___ Record set
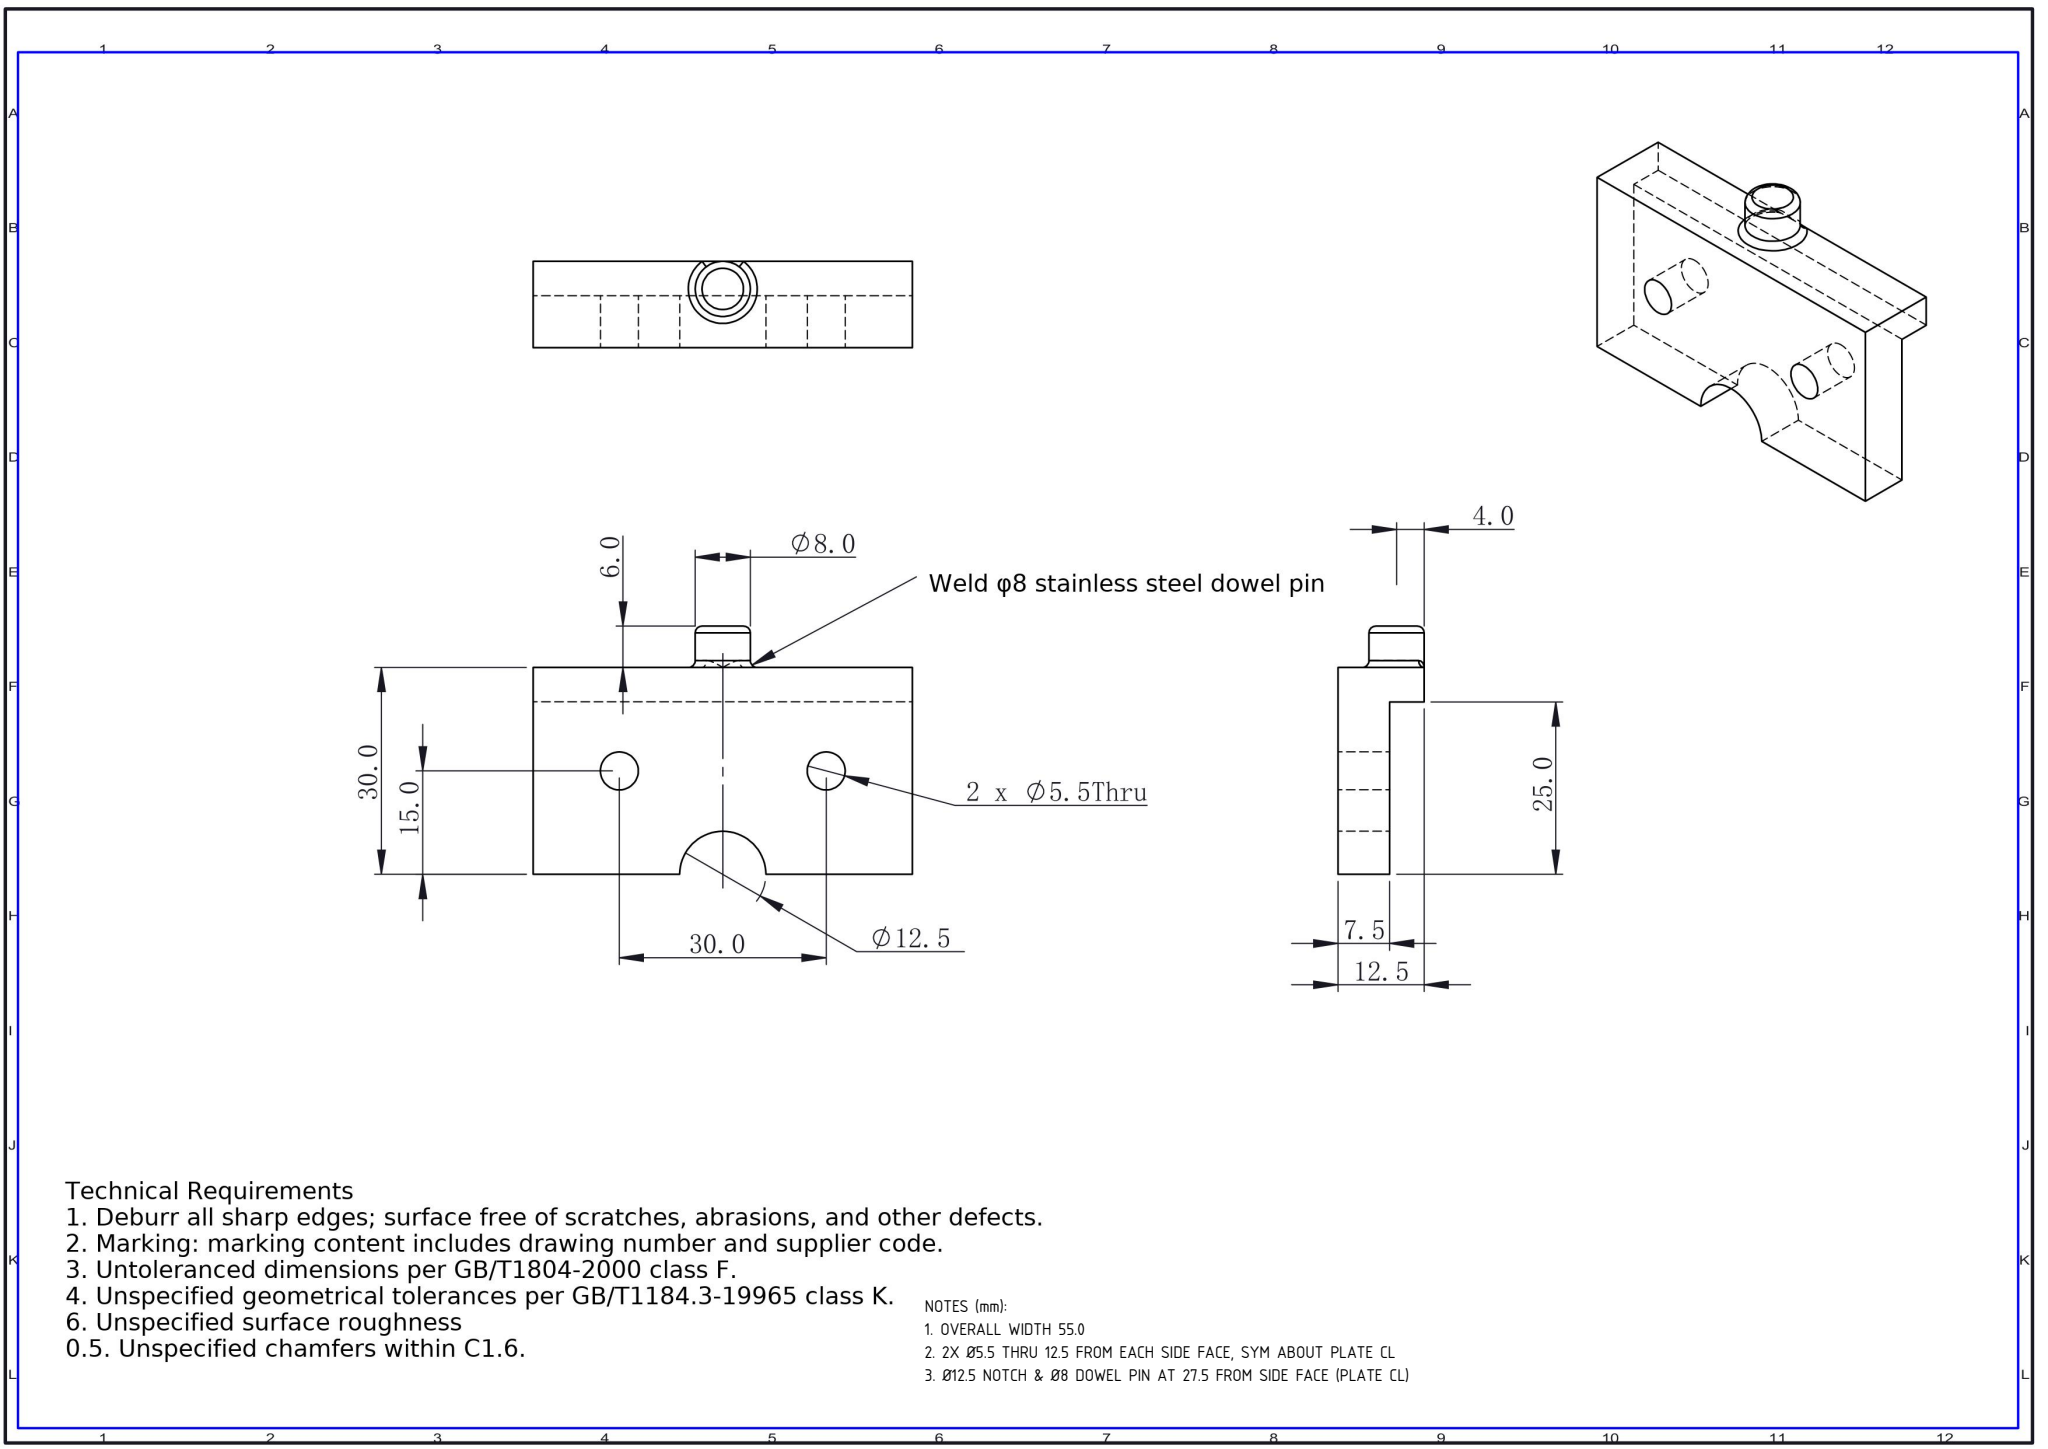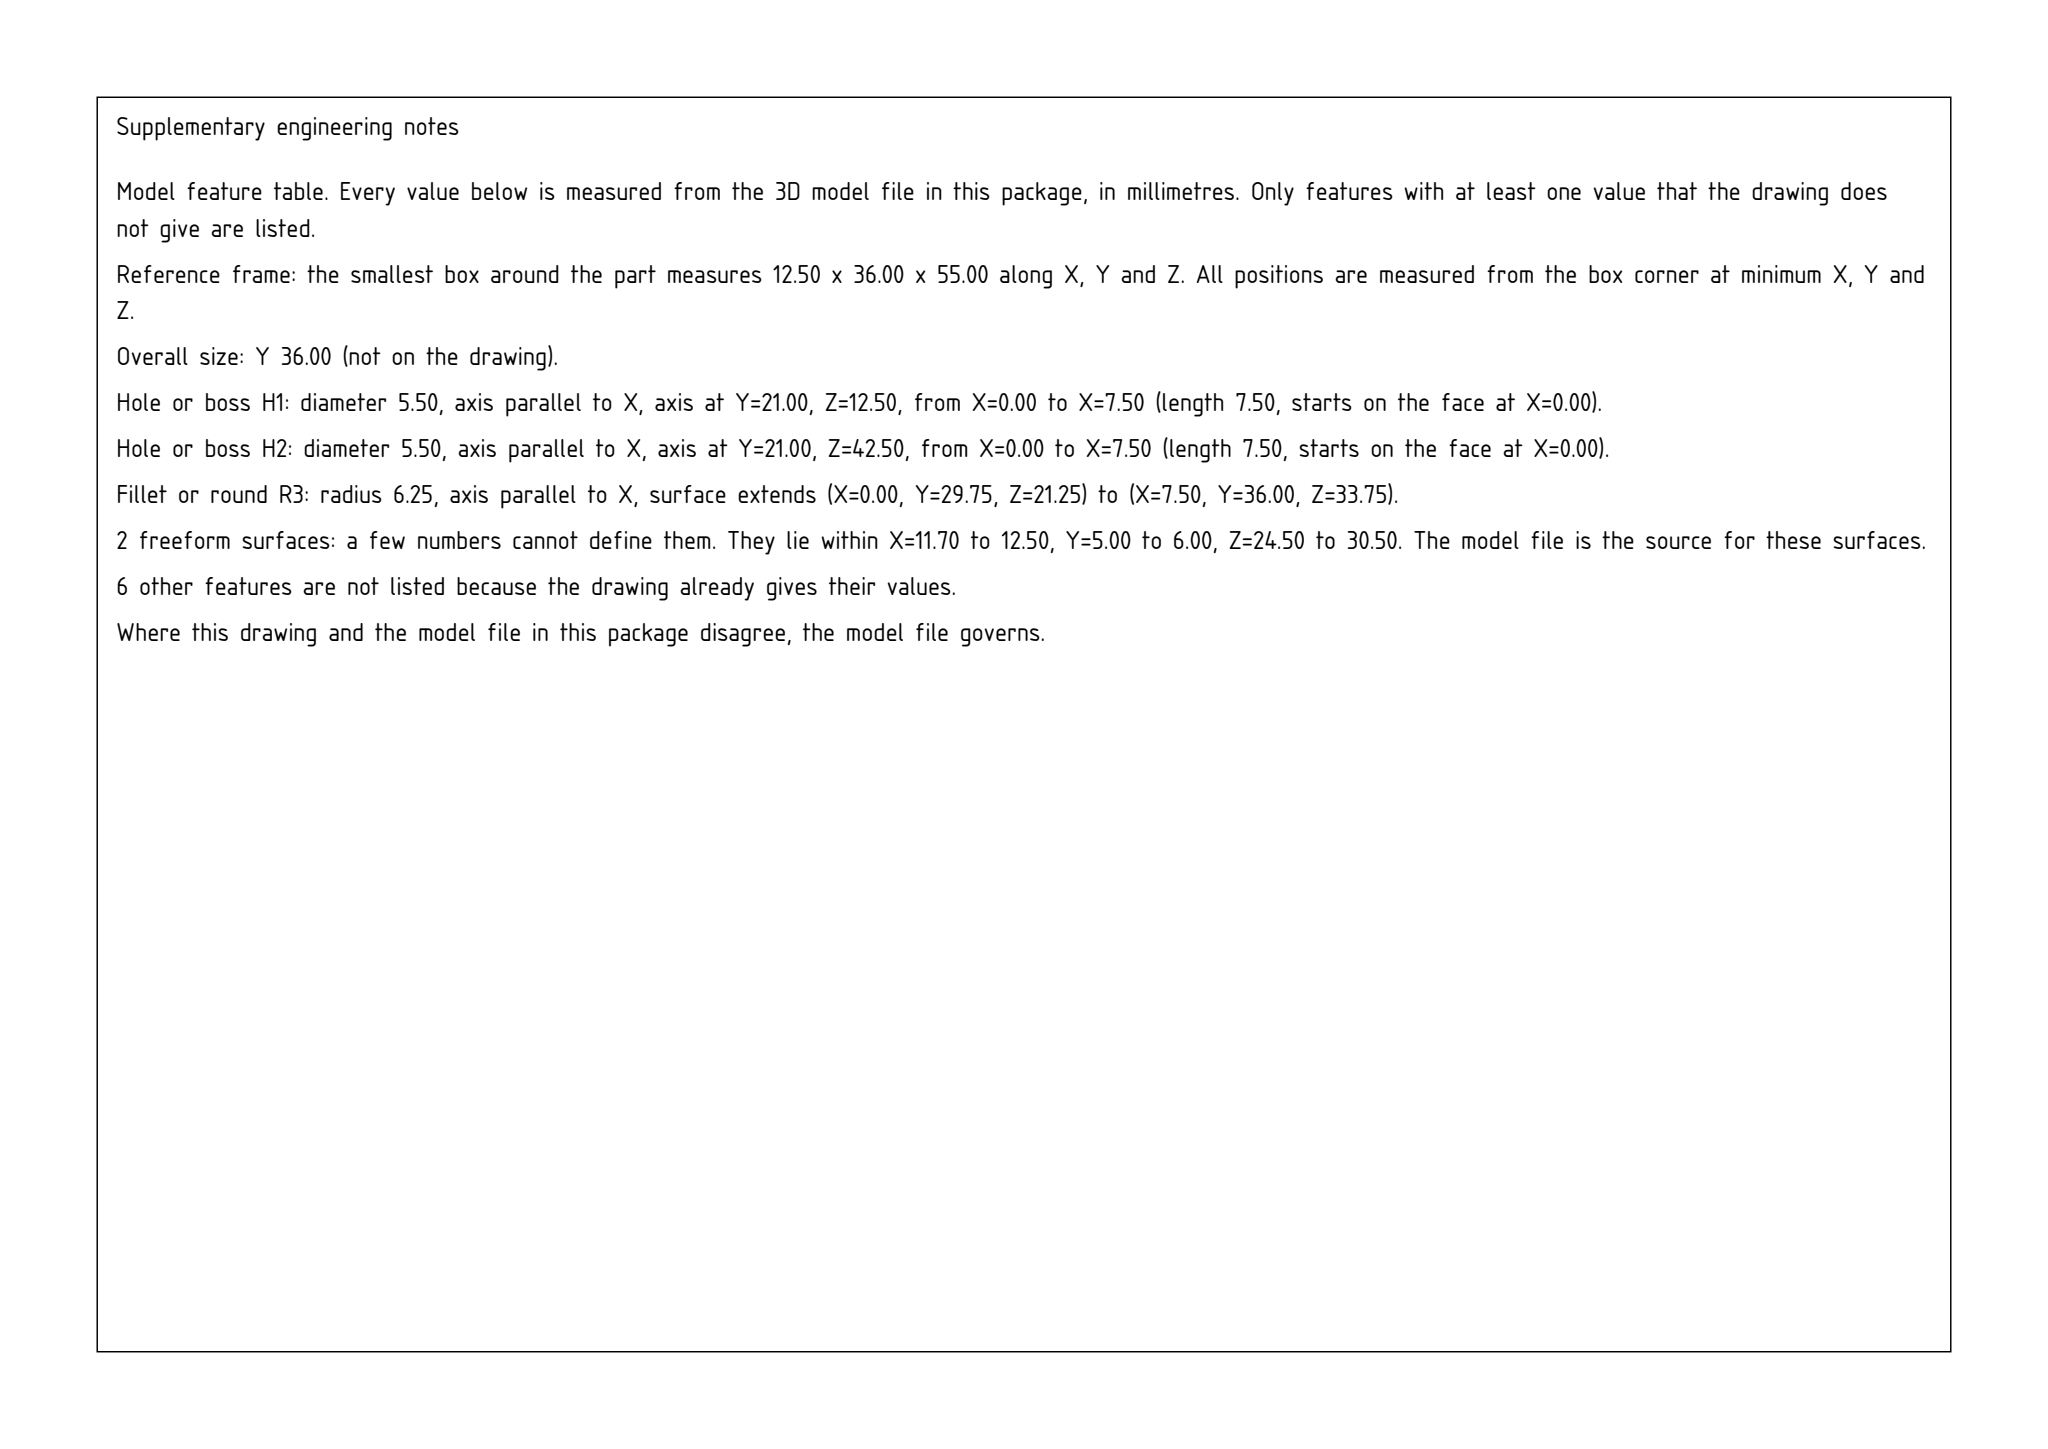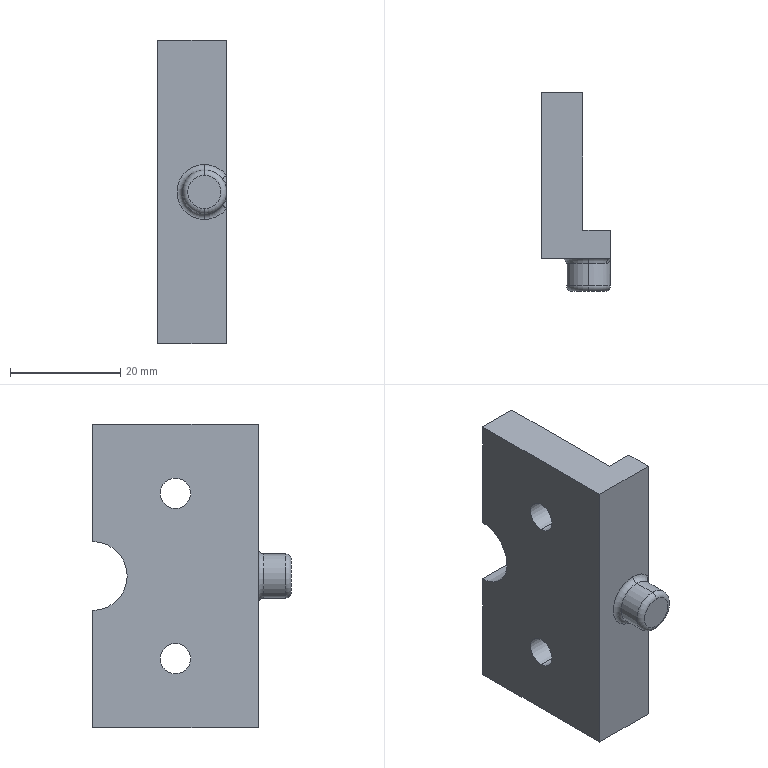Part | SolidWorks | mm | 1 solid | 25 faces | box 12.5 x 36 x 55 mm | volume 13235 mm3 | plane 10 | cylinder 8 | torus 5 | spline 2 | commonest cylinder face diameters 5.5 x4 8 x2 12.5 x2
Drawing notes:
OVERALL WIDTH 55.0 | from the solid: bbox z = 55.0 (planes z=0 and z=55)
2X Ø5.5 THRU 12.5 FROM EACH SIDE FACE, SYM ABOUT PLATE CL | from the solid: cyl Ø5.5 at z=12.5 and z=42.5, width 55.0
Ø12.5 NOTCH & Ø8 DOWEL PIN AT 27.5 FROM SIDE FACE (PLATE CL) | from the solid: Ø12.5 and Ø8 axes at z=27.5 = 55.0/2
STEP:
#1=CARTESIAN_POINT('',(8.5,-35.,31.5));
#2=VERTEX_POINT('',#1);
#3=CARTESIAN_POINT('',(8.5,-35.,23.5));
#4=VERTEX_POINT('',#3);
______
#### [Your assignment]
Reproduce the records above exactly, starting with the line that contains "2X Ø5.5 THRU" and ending with the last line.

#### [Exercise answer]
2X Ø5.5 THRU 12.5 FROM EACH SIDE FACE, SYM ABOUT PLATE CL | from the solid: cyl Ø5.5 at z=12.5 and z=42.5, width 55.0
Ø12.5 NOTCH & Ø8 DOWEL PIN AT 27.5 FROM SIDE FACE (PLATE CL) | from the solid: Ø12.5 and Ø8 axes at z=27.5 = 55.0/2
STEP:
#1=CARTESIAN_POINT('',(8.5,-35.,31.5));
#2=VERTEX_POINT('',#1);
#3=CARTESIAN_POINT('',(8.5,-35.,23.5));
#4=VERTEX_POINT('',#3);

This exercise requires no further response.